Directions:
Locate every line in the material below that has the word "Rectangular". Copy each of those lines.

Materials provided:
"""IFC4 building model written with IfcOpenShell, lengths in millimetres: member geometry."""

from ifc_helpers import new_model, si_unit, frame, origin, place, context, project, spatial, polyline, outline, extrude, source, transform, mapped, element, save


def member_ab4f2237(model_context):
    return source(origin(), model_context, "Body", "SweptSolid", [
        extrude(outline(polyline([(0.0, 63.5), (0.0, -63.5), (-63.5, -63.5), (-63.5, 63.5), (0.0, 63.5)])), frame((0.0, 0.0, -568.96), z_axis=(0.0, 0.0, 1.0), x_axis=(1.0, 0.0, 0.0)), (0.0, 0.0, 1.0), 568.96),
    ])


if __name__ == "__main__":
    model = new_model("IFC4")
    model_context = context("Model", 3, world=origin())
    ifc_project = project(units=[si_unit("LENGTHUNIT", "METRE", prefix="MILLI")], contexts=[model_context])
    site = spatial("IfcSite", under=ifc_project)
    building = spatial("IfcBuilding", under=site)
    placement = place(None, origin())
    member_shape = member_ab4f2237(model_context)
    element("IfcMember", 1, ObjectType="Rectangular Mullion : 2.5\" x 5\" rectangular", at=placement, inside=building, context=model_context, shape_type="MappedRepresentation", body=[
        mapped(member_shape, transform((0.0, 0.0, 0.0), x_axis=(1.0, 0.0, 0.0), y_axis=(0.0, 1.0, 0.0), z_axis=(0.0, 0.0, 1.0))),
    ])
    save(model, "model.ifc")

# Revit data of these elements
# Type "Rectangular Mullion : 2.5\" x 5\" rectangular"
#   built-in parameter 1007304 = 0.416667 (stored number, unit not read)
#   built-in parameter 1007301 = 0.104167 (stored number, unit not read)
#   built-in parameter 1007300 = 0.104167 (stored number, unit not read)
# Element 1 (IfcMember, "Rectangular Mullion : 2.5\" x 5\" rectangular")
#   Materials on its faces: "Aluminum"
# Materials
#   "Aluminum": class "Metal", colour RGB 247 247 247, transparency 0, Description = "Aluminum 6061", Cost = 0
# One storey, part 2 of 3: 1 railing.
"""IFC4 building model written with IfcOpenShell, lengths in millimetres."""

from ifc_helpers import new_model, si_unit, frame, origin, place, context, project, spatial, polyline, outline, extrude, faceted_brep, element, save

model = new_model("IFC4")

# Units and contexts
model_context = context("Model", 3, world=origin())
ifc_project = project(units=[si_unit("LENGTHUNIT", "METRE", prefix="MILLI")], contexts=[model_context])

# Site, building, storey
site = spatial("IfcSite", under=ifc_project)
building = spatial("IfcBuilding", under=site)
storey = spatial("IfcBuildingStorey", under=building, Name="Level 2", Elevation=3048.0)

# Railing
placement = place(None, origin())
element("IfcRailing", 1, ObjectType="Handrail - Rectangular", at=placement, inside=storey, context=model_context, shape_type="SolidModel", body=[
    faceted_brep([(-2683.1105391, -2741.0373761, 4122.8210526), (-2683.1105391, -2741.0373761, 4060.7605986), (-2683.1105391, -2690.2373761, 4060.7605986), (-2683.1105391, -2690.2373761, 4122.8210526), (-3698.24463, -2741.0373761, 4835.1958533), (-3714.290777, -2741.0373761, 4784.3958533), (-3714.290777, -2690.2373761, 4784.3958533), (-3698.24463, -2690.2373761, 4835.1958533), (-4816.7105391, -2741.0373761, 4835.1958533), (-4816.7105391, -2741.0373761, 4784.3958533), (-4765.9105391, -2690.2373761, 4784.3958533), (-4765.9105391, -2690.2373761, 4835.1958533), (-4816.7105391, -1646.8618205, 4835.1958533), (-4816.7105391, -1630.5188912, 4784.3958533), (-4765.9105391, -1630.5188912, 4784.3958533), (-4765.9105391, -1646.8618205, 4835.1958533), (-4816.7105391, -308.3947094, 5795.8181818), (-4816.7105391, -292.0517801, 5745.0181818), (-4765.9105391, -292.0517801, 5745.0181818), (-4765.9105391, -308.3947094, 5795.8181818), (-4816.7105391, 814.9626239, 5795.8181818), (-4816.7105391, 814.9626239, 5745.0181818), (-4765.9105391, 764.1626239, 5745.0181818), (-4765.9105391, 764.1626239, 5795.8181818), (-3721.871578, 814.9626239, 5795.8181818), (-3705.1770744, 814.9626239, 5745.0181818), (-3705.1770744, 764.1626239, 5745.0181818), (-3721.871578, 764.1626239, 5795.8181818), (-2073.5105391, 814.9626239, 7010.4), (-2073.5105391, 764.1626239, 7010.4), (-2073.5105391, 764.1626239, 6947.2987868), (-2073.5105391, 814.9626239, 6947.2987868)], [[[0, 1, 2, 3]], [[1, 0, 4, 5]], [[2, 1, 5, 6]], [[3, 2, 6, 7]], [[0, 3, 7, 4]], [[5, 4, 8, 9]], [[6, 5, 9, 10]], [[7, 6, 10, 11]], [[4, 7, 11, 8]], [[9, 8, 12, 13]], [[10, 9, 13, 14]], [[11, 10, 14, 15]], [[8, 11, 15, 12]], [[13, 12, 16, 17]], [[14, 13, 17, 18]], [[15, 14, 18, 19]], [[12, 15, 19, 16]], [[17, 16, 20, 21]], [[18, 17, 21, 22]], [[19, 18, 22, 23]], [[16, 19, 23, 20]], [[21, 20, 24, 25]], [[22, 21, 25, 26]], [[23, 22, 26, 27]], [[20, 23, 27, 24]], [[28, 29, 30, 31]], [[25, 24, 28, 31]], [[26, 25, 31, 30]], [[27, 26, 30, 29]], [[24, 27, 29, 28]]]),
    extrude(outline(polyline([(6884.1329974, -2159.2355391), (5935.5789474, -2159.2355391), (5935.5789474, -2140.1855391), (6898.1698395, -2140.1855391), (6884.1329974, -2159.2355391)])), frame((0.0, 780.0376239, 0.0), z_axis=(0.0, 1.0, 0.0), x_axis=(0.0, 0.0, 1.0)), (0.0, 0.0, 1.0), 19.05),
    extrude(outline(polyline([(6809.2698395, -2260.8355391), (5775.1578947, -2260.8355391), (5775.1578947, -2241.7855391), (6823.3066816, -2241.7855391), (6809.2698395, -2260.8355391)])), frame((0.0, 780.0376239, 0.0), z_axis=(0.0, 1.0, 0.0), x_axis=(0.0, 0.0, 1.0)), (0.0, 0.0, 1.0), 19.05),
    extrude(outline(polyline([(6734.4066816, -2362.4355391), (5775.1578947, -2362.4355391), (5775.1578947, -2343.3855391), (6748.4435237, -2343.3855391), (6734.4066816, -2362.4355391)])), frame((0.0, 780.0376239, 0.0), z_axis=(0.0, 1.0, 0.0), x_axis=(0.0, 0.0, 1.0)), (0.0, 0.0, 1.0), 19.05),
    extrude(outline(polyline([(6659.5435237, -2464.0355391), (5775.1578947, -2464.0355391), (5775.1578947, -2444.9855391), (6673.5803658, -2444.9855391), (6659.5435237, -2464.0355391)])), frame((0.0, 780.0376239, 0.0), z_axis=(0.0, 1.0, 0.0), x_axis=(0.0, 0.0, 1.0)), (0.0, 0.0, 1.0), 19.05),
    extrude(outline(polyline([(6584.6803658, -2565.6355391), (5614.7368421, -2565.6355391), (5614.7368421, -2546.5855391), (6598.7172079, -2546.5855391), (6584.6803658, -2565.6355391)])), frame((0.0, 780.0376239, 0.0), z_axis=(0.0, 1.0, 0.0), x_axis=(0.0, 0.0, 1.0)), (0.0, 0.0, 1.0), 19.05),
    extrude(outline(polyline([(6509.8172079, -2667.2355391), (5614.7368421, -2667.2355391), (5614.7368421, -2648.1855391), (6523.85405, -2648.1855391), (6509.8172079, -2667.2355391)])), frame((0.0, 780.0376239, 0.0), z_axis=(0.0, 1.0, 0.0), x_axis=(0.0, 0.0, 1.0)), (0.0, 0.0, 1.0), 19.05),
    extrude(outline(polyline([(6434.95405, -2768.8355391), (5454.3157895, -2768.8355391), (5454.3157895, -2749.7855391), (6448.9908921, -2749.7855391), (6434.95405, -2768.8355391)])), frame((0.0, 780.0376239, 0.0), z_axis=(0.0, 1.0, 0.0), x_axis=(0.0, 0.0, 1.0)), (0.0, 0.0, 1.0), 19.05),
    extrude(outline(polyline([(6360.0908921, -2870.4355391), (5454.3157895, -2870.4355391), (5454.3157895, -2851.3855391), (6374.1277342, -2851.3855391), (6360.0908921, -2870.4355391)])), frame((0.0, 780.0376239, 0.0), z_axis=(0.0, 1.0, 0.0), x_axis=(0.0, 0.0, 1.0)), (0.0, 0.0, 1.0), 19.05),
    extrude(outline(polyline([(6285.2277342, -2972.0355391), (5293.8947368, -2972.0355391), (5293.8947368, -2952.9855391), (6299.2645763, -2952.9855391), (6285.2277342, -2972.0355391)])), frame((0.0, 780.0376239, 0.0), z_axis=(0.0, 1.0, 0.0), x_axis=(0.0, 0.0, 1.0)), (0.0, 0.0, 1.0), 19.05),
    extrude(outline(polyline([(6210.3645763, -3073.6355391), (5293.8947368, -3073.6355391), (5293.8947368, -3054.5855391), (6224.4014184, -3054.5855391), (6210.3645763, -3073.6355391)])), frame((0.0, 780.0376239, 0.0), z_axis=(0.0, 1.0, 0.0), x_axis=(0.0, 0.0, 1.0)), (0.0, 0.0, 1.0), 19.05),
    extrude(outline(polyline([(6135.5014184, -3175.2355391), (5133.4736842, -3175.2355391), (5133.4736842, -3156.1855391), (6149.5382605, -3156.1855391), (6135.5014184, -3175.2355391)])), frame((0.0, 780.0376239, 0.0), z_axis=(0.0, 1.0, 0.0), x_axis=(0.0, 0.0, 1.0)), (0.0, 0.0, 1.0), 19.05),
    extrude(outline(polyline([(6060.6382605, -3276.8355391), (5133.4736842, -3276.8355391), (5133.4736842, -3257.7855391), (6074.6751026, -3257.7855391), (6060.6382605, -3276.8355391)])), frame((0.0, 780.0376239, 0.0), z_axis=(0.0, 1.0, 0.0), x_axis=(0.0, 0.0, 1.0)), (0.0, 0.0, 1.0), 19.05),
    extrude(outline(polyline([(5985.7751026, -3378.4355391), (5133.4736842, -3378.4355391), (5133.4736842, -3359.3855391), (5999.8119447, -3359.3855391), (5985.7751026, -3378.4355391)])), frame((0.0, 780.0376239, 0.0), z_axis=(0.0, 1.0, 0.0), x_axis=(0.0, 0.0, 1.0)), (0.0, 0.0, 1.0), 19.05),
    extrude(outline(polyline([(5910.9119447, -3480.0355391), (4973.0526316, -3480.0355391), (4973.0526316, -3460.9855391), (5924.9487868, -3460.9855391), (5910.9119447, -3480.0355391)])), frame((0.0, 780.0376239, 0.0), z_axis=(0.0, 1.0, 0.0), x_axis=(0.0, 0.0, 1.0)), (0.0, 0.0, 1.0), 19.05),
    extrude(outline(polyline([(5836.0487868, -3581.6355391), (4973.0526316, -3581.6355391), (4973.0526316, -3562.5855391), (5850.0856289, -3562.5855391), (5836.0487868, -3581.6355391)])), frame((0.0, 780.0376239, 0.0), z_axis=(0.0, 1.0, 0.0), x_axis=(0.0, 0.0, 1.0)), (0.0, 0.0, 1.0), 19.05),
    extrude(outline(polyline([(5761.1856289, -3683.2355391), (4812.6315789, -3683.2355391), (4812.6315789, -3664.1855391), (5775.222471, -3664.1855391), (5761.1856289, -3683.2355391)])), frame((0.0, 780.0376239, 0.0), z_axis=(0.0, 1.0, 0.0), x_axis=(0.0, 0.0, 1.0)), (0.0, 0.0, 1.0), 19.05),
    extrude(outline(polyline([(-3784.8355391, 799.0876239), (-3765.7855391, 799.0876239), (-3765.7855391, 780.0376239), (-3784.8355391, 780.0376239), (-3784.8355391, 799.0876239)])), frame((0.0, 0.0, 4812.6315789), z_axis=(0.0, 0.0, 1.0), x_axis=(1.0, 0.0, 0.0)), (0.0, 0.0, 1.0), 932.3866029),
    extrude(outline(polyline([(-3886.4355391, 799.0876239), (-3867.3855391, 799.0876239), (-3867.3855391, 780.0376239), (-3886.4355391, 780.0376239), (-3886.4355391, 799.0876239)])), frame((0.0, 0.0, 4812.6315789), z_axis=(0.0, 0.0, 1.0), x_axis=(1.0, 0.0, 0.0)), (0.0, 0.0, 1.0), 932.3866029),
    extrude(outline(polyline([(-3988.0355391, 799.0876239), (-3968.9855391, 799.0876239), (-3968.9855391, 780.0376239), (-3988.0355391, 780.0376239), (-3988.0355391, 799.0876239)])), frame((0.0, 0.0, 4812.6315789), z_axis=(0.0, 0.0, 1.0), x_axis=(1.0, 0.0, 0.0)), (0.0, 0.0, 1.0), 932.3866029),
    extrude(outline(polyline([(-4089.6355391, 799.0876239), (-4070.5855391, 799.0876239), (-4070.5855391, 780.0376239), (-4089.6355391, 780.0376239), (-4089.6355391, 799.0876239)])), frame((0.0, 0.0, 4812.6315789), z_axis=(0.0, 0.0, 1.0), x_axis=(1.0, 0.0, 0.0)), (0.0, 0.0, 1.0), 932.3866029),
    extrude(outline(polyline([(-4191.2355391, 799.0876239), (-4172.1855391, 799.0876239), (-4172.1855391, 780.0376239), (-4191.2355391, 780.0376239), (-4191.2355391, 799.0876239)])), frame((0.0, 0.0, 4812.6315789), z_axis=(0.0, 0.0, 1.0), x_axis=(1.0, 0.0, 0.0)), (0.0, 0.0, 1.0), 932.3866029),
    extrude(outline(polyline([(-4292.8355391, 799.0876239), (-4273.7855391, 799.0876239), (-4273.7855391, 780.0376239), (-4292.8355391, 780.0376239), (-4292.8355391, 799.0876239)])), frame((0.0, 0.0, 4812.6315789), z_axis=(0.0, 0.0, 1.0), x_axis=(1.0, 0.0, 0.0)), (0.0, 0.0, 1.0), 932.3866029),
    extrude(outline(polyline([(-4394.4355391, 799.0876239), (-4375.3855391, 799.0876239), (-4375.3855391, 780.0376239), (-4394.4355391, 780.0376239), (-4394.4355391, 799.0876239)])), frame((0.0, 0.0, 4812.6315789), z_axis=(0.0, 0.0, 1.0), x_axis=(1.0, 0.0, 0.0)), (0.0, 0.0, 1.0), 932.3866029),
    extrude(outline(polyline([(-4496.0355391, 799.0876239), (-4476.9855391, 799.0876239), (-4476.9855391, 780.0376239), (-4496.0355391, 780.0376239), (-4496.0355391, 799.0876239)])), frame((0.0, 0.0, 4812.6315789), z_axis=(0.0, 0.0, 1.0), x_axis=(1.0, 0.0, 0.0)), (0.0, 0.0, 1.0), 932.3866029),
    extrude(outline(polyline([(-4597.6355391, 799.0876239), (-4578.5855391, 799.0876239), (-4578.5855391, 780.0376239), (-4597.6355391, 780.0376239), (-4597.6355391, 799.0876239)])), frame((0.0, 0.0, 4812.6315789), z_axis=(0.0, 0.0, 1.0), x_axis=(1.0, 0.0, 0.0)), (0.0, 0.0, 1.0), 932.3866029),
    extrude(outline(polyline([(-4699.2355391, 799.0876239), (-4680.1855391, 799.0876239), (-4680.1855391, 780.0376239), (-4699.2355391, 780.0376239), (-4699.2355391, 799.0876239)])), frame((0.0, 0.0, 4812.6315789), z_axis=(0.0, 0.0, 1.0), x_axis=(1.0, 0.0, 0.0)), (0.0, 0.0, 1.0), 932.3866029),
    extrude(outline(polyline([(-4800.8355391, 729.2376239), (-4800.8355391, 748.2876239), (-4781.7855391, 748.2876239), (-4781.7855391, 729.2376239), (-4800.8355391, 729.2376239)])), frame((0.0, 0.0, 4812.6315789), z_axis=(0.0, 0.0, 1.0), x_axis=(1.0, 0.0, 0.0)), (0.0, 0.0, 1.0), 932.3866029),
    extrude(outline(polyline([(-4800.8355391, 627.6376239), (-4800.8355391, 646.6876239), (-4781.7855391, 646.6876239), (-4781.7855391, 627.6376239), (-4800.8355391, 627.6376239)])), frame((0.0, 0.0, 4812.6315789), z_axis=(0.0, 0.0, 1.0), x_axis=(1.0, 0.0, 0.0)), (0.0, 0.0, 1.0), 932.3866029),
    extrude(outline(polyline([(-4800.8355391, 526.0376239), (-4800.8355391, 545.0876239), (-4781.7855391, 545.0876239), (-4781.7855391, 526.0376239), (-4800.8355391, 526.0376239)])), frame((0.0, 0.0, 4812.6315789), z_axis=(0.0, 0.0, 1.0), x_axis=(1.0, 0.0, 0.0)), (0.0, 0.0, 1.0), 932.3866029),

Output of the task:
    element("IfcMember", 1, ObjectType="Rectangular Mullion : 2.5\" x 5\" rectangular", at=placement, inside=building, context=model_context, shape_type="MappedRepresentation", body=[
# Type "Rectangular Mullion : 2.5\" x 5\" rectangular"
# Element 1 (IfcMember, "Rectangular Mullion : 2.5\" x 5\" rectangular")
element("IfcRailing", 1, ObjectType="Handrail - Rectangular", at=placement, inside=storey, context=model_context, shape_type="SolidModel", body=[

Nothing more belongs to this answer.